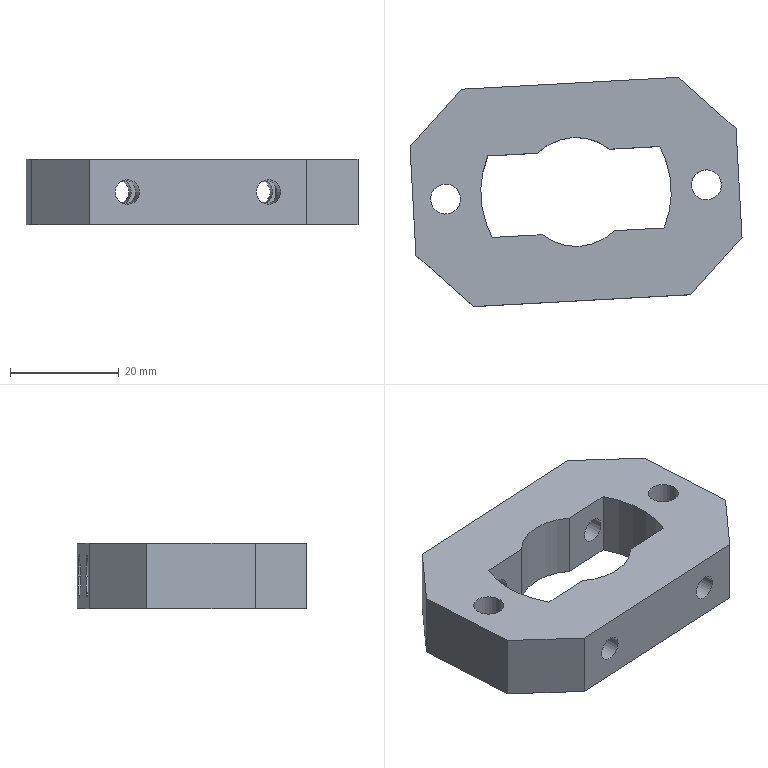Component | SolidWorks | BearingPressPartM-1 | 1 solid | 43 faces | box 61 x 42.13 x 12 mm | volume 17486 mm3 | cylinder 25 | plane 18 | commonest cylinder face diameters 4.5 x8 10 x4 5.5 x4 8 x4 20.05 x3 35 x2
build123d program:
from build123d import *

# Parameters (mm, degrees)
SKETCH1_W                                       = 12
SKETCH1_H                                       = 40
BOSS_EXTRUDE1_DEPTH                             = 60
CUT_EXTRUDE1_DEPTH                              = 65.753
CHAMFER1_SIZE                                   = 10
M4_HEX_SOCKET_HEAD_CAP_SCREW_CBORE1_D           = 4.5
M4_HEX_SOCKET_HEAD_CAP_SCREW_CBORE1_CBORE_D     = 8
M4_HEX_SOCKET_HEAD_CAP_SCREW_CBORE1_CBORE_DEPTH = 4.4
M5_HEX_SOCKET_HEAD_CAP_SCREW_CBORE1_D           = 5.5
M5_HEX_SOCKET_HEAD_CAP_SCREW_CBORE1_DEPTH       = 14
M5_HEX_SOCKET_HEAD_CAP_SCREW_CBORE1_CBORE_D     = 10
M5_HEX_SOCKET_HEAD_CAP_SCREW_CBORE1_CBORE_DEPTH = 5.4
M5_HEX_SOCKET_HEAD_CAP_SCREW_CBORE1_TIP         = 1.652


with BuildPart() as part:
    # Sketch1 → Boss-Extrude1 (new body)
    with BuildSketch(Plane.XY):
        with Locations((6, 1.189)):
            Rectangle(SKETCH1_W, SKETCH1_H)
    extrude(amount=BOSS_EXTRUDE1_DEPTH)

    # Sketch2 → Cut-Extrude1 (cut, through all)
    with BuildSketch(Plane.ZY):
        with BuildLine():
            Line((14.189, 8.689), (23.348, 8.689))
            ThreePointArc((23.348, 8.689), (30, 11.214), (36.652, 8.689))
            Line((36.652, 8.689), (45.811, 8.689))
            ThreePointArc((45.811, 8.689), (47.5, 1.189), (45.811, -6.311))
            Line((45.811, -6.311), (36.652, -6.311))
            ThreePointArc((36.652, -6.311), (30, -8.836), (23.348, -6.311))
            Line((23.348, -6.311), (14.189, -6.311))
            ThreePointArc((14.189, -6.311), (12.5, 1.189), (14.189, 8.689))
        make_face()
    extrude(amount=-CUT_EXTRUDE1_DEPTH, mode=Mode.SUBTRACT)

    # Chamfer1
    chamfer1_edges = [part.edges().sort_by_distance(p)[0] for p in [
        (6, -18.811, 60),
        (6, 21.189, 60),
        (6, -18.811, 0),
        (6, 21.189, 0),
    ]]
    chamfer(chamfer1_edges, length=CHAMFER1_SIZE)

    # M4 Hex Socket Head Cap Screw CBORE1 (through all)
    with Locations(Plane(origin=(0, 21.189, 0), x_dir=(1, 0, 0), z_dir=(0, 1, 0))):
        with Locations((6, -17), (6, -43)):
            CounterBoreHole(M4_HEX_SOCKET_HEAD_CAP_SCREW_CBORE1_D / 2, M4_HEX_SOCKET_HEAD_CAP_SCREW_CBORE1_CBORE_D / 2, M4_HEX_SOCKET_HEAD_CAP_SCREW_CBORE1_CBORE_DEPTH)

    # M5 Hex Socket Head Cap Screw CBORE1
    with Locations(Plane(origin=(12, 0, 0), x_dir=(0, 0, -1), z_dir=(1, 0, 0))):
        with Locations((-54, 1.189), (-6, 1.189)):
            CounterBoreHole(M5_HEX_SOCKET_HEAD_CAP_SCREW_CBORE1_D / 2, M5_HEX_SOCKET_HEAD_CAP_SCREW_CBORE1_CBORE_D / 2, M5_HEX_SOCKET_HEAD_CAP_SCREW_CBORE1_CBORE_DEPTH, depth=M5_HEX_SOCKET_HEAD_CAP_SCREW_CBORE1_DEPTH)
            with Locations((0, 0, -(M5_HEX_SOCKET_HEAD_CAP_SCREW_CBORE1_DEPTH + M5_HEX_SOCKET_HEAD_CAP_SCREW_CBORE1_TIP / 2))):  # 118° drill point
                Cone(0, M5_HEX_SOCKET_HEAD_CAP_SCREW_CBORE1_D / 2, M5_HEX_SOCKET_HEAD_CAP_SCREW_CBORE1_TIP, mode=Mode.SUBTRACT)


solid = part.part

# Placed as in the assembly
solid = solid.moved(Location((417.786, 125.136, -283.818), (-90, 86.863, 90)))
==*==
## What you are asked to do
Which lines in the data above hold the string "amount"? Return each of them.

## Result for this exercise
    extrude(amount=BOSS_EXTRUDE1_DEPTH)
    extrude(amount=-CUT_EXTRUDE1_DEPTH, mode=Mode.SUBTRACT)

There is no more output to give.